What is being asked = What lines of the data below hold the string "WATR"? Copy each one.
─── Data provided
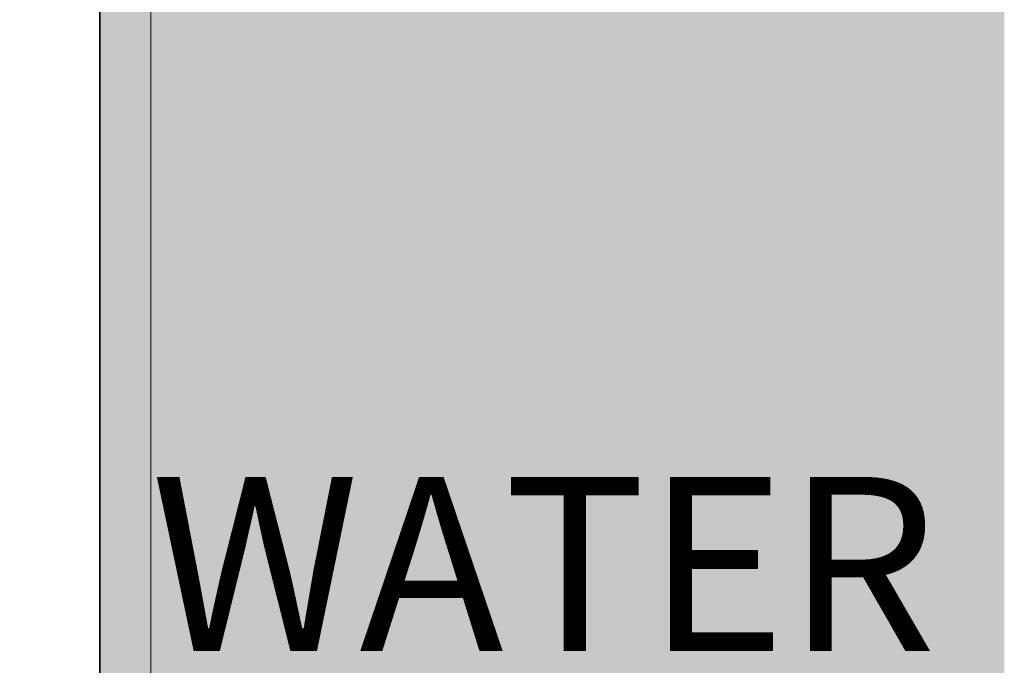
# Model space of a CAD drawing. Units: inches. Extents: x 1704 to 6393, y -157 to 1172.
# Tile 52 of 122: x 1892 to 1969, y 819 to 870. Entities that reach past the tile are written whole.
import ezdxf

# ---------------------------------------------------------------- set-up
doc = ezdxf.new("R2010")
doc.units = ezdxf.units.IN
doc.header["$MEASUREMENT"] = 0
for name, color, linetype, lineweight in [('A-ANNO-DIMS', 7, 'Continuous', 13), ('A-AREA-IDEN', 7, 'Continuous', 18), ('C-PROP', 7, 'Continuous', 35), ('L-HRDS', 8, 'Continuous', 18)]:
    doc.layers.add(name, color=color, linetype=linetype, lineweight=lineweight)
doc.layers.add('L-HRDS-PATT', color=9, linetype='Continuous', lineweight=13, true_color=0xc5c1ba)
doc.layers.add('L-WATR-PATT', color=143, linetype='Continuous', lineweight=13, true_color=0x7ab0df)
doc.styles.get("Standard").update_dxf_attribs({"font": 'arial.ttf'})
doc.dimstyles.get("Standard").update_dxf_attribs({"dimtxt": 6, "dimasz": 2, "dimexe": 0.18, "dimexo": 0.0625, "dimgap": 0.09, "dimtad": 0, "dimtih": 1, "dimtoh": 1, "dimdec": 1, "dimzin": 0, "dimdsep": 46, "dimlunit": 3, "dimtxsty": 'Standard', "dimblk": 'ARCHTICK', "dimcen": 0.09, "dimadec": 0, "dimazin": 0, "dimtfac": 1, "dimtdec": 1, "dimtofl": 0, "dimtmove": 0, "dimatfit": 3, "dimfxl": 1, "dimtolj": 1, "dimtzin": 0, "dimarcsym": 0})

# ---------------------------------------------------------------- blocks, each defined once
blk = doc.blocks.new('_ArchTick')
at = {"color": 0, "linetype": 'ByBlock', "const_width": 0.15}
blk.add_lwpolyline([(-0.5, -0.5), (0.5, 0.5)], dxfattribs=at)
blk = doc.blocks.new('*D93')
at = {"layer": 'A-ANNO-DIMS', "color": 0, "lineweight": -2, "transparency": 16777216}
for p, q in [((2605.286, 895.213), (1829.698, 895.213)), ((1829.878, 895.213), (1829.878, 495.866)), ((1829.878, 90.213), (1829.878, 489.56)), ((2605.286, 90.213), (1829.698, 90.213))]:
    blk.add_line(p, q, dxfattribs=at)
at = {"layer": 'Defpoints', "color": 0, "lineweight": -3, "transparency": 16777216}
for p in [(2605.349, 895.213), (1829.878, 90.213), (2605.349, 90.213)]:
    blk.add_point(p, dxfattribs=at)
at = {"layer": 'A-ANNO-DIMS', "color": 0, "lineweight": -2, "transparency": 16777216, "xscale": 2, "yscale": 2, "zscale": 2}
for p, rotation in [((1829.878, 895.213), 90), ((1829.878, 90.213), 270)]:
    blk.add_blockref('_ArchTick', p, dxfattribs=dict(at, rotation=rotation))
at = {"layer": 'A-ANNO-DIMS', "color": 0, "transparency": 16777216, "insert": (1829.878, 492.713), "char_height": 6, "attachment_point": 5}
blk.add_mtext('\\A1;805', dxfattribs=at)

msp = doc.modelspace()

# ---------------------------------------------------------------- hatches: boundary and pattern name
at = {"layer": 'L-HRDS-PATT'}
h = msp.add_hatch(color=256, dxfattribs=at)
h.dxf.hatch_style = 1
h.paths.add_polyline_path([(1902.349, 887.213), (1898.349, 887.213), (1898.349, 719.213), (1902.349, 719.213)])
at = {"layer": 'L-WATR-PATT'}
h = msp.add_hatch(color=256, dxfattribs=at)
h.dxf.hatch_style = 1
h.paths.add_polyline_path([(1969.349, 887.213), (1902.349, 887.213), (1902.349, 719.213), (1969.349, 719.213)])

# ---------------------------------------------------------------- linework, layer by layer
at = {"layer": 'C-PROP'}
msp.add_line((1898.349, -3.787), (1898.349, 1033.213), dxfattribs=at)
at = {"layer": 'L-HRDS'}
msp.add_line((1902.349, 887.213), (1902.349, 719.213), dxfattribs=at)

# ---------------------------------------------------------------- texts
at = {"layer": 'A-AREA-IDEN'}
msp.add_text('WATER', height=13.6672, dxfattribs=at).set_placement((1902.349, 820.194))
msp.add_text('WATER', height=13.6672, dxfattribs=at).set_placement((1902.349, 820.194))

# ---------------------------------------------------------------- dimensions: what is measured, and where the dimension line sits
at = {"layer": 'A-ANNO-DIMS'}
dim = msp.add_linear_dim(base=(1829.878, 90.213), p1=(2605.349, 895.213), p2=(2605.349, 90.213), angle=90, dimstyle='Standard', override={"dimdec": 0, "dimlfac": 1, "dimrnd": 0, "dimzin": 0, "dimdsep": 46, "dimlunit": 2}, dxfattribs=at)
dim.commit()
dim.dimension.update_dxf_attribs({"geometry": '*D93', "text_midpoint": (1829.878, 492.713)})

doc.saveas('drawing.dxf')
──────
Written response =
doc.layers.add('L-WATR-PATT', color=143, linetype='Continuous', lineweight=13, true_color=0x7ab0df)
at = {"layer": 'L-WATR-PATT'}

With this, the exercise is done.